▸ What to produce:
Pictures stay out. Extract the lines below from the first one through the line with "p3 = place(p2, frame((0.0, 0.0, 112.2)))", both included.

--- Information Enclosed Below ---

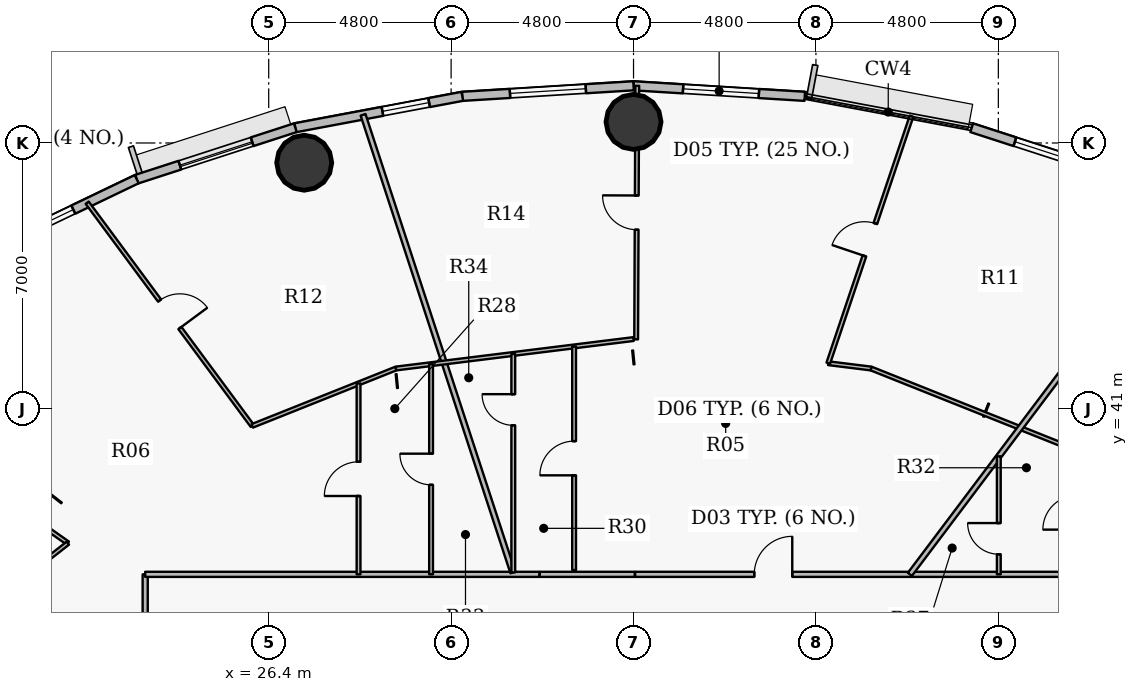
"""IFC4 building model, lengths in metres.
Left out: names, types, materials, properties, quantities, classifications, styles, units other than length and angle.
Written with IfcOpenShell. Run it as: python <this file> out.ifc"""

import sys

from ifc_helpers import new_model, si_unit, direction, frame, frame_2d, origin, origin_2d, place, context, subcontext, project, spatial, rectangle, hollow_circle, extrude, source, transform, mapped, element, fill, save


model = new_model("IFC4")
c1 = context("Model", 3, precision=1e-05, world=origin(), true_north=direction((0.0, 1.0)))
c2 = subcontext(c1, "Body", "Model", "MODEL_VIEW")
j1 = project(units=[si_unit("LENGTHUNIT", "METRE"), si_unit("PLANEANGLEUNIT", "RADIAN")], contexts=[c1])
p1 = place(None, origin())
s1 = spatial("IfcSite", under=j1, at=p1, CompositionType="ELEMENT")
p2 = place(p1, origin())
s2 = spatial("IfcBuilding", under=s1, at=p2, CompositionType="ELEMENT")
p3 = place(p2, frame((0.0, 0.0, 112.2)))
s3 = spatial("IfcBuildingStorey", under=s2, at=p3, CompositionType="ELEMENT", Elevation=112.2)
for number, where, z_axis, x_axis in (
    (1, (36.0, 48.555, 0.0), (0.0, 0.0, 1.0), (1.0, 0.0, 0.0)),
    (2, (27.334, 47.481, 0.0), (0.0, 0.0, 1.0), (1.0, 0.0, 0.0)),
):
    element("IfcColumn", number, at=place(p3, frame(where, z_axis=z_axis, x_axis=x_axis)), inside=s3, PredefinedType="COLUMN", context=c2, shape_type="SweptSolid", body=[
        extrude(hollow_circle(Radius=0.725, WallThickness=0.042, at=origin_2d()), origin(), (0.0, 0.0, 1.0), 3.75),
    ])
p4 = place(p3, frame((44.9, 48.401, 0.0), z_axis=(0.0, 0.0, 1.0), x_axis=(0.951211346073, -0.308540070495, 0.0)))
e3 = element("IfcWall", 3, at=p4, inside=s3, PredefinedType="SOLIDWALL", context=c2, shape_type="SweptSolid", body=[
    extrude(rectangle(XDim=4.388, YDim=0.24, at=frame_2d((2.194, 0.0))), origin(), (0.0, 0.0, 1.0), 3.5),
])
p5 = place(p4, frame((1.194, 0.0, 0.9)))
e4 = element("IfcOpeningElement", 4, at=p5, cuts=e3, PredefinedType="OPENING", context=c2, shape_type="SweptSolid", body=[
    extrude(rectangle(XDim=2.0, YDim=1.75, at=origin_2d()), frame((1.0, 0.13, 0.875), z_axis=(0.0, -1.0, 0.0), x_axis=(1.0, 0.0, 0.0)), (0.0, 0.0, 1.0), 0.26),
])
p6 = place(p3, frame((36.0, 49.505, 0.0), z_axis=(0.0, 0.0, 1.0), x_axis=(0.998107531589, -0.061492726276, 0.0)))
e5 = element("IfcWall", 5, at=p6, inside=s3, PredefinedType="SOLIDWALL", context=c2, shape_type="SweptSolid", body=[
    extrude(rectangle(XDim=4.514, YDim=0.24, at=frame_2d((2.257, 0.0))), origin(), (0.0, 0.0, 1.0), 3.5),
])
p7 = place(p6, frame((1.306, 0.0, 0.9)))
e6 = element("IfcOpeningElement", 6, at=p7, cuts=e5, PredefinedType="OPENING", context=c2, shape_type="SweptSolid", body=[
    extrude(rectangle(XDim=2.0, YDim=1.75, at=origin_2d()), frame((1.0, 0.13, 0.875), z_axis=(0.0, -1.0, 0.0), x_axis=(1.0, 0.0, 0.0)), (0.0, 0.0, 1.0), 0.26),
])
p8 = place(p3, frame((31.494, 49.227, 0.0), z_axis=(0.0, 0.0, 1.0), x_axis=(0.998107531589, 0.061492726276, 0.0)))
e7 = element("IfcWall", 7, at=p8, inside=s3, PredefinedType="SOLIDWALL", context=c2, shape_type="SweptSolid", body=[
    extrude(rectangle(XDim=4.514, YDim=0.24, at=frame_2d((2.257, 0.0))), origin(), (0.0, 0.0, 1.0), 3.5),
])
p9 = place(p8, frame((1.257, 0.0, 0.9)))
e8 = element("IfcOpeningElement", 8, at=p9, cuts=e7, PredefinedType="OPENING", context=c2, shape_type="SweptSolid", body=[
    extrude(rectangle(XDim=2.0, YDim=1.75, at=origin_2d()), frame((1.0, 0.13, 0.875), z_axis=(0.0, -1.0, 0.0), x_axis=(1.0, 0.0, 0.0)), (0.0, 0.0, 1.0), 0.26),
])
p10 = place(p3, frame((27.1, 48.401, 0.0), z_axis=(0.0, 0.0, 1.0), x_axis=(0.982789252177, 0.184730305596, 0.0)))
e9 = element("IfcWall", 9, at=p10, inside=s3, PredefinedType="SOLIDWALL", context=c2, shape_type="SweptSolid", body=[
    extrude(rectangle(XDim=4.471, YDim=0.24, at=frame_2d((2.235, 0.0))), origin(), (0.0, 0.0, 1.0), 3.5),
])
p11 = place(p10, frame((2.333, 0.0, 0.9)))
e10 = element("IfcOpeningElement", 10, at=p11, cuts=e9, PredefinedType="OPENING", context=c2, shape_type="SweptSolid", body=[
    extrude(rectangle(XDim=1.25, YDim=1.65, at=origin_2d()), frame((0.625, 0.13, 0.825), z_axis=(0.0, -1.0, 0.0), x_axis=(1.0, 0.0, 0.0)), (0.0, 0.0, 1.0), 0.26),
])
p12 = place(p3, frame((22.926, 47.047, 0.0), z_axis=(0.0, 0.0, 1.0), x_axis=(0.951211346073, 0.308540070495, 0.0)))
e11 = element("IfcWall", 11, at=p12, inside=s3, PredefinedType="SOLIDWALL", context=c2, shape_type="SweptSolid", body=[
    extrude(rectangle(XDim=4.388, YDim=0.24, at=frame_2d((2.194, 0.0))), origin(), (0.0, 0.0, 1.0), 3.5),
])
p13 = place(p12, frame((1.194, 0.0, 0.9)))
e12 = element("IfcOpeningElement", 12, at=p13, cuts=e11, PredefinedType="OPENING", context=c2, shape_type="SweptSolid", body=[
    extrude(rectangle(XDim=2.0, YDim=1.75, at=origin_2d()), frame((1.0, 0.13, 0.875), z_axis=(0.0, -1.0, 0.0), x_axis=(1.0, 0.0, 0.0)), (0.0, 0.0, 1.0), 0.26),
])
p14 = place(p3, frame((19.075, 45.199, 0.0), z_axis=(0.0, 0.0, 1.0), x_axis=(0.901589935876, 0.432591709962, 0.0)))
e13 = element("IfcWall", 13, at=p14, inside=s3, PredefinedType="SOLIDWALL", context=c2, shape_type="SweptSolid", body=[
    extrude(rectangle(XDim=4.272, YDim=0.24, at=frame_2d((2.136, 0.0))), origin(), (0.0, 0.0, 1.0), 3.5),
])
p15 = place(p14, frame((0.822, 0.0, 0.9)))
e14 = element("IfcOpeningElement", 14, at=p15, cuts=e13, PredefinedType="OPENING", context=c2, shape_type="SweptSolid", body=[
    extrude(rectangle(XDim=1.6, YDim=1.75, at=origin_2d()), frame((0.8, 0.13, 0.875), z_axis=(0.0, -1.0, 0.0), x_axis=(1.0, 0.0, 0.0)), (0.0, 0.0, 1.0), 0.26),
])
p16 = place(p3, frame((14.661, 42.011, 0.0), z_axis=(0.0, 0.0, 1.0), x_axis=(0.817899711196, -0.575360810645, 0.0)))
e15 = element("IfcWall", 15, at=p16, inside=s3, PredefinedType="PARTITIONING", context=c2, shape_type="SweptSolid", body=[
    extrude(rectangle(XDim=7.891, YDim=0.1, at=frame_2d((3.945, 0.0))), origin(), (0.0, 0.0, 1.0), 2.935),
])
p17 = place(p16, frame((3.495, 0.0, 0.0)))
e16 = element("IfcOpeningElement", 16, at=p17, cuts=e15, PredefinedType="OPENING", context=c2, shape_type="SweptSolid", body=[
    extrude(rectangle(XDim=0.9, YDim=2.1, at=origin_2d()), frame((0.45, 0.06, 1.05), z_axis=(0.0, -1.0, 0.0), x_axis=(1.0, 0.0, 0.0)), (0.0, 0.0, 1.0), 0.12),
])
p18 = place(p3, frame((19.634, 36.311, 0.0), z_axis=(0.0, 0.0, 1.0), x_axis=(0.787307829703, 0.616560119768, 0.0)))
e17 = element("IfcWall", 17, at=p18, inside=s3, PredefinedType="PARTITIONING", context=c2, shape_type="SweptSolid", body=[
    extrude(rectangle(XDim=1.882, YDim=0.1, at=frame_2d((0.941, 0.0))), origin(), (0.0, 0.0, 1.0), 3.5),
])
p19 = place(p3, frame((21.624, 46.428, 0.0), z_axis=(0.0, 0.0, 1.0), x_axis=(0.594804555611, -0.803870350631, 0.0)))
e18 = element("IfcWall", 18, at=p19, inside=s3, PredefinedType="PARTITIONING", context=c2, shape_type="SweptSolid", body=[
    extrude(rectangle(XDim=7.303, YDim=0.1, at=frame_2d((3.652, 0.0))), origin(), (0.0, 0.0, 1.0), 2.935),
])
p20 = place(p19, frame((3.202, 0.0, 0.0)))
e19 = element("IfcOpeningElement", 19, at=p20, cuts=e18, PredefinedType="OPENING", context=c2, shape_type="SweptSolid", body=[
    extrude(rectangle(XDim=0.9, YDim=2.1, at=origin_2d()), frame((0.45, 0.06, 1.05), z_axis=(0.0, -1.0, 0.0), x_axis=(1.0, 0.0, 0.0)), (0.0, 0.0, 1.0), 0.12),
])
p21 = place(p3, frame((23.15, 17.35, 0.0), z_axis=(0.0, 0.0, 1.0), x_axis=(0.0, 1.0, 0.0)))
e20 = element("IfcWall", 20, at=p21, inside=s3, PredefinedType="PARTITIONING", context=c2, shape_type="SweptSolid", body=[
    extrude(rectangle(XDim=19.3, YDim=0.135, at=frame_2d((9.65, 0.0))), origin(), (0.0, 0.0, 1.0), 2.935),
])
p22 = place(p21, frame((15.889, 0.0, 0.0)))
e21 = element("IfcOpeningElement", 21, at=p22, cuts=e20, PredefinedType="OPENING", context=c2, shape_type="SweptSolid", body=[
    extrude(rectangle(XDim=1.0, YDim=2.15, at=origin_2d()), frame((0.5, 0.078, 1.075), z_axis=(0.0, -1.0, 0.0), x_axis=(1.0, 0.0, 0.0)), (0.0, 0.0, 1.0), 0.155),
])
p23 = place(p21, frame((6.279, 0.0, 0.0)))
e22 = element("IfcOpeningElement", 22, at=p23, cuts=e20, PredefinedType="OPENING", context=c2, shape_type="SweptSolid", body=[
    extrude(rectangle(XDim=1.0, YDim=2.15, at=origin_2d()), frame((0.5, 0.078, 1.075), z_axis=(0.0, -1.0, 0.0), x_axis=(1.0, 0.0, 0.0)), (0.0, 0.0, 1.0), 0.155),
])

--- End of Enclosed Information ---

▸ Output:
"""IFC4 building model, lengths in metres.
Left out: names, types, materials, properties, quantities, classifications, styles, units other than length and angle.
Written with IfcOpenShell. Run it as: python <this file> out.ifc"""

import sys

from ifc_helpers import new_model, si_unit, direction, frame, frame_2d, origin, origin_2d, place, context, subcontext, project, spatial, rectangle, hollow_circle, extrude, source, transform, mapped, element, fill, save


model = new_model("IFC4")
c1 = context("Model", 3, precision=1e-05, world=origin(), true_north=direction((0.0, 1.0)))
c2 = subcontext(c1, "Body", "Model", "MODEL_VIEW")
j1 = project(units=[si_unit("LENGTHUNIT", "METRE"), si_unit("PLANEANGLEUNIT", "RADIAN")], contexts=[c1])
p1 = place(None, origin())
s1 = spatial("IfcSite", under=j1, at=p1, CompositionType="ELEMENT")
p2 = place(p1, origin())
s2 = spatial("IfcBuilding", under=s1, at=p2, CompositionType="ELEMENT")
p3 = place(p2, frame((0.0, 0.0, 112.2)))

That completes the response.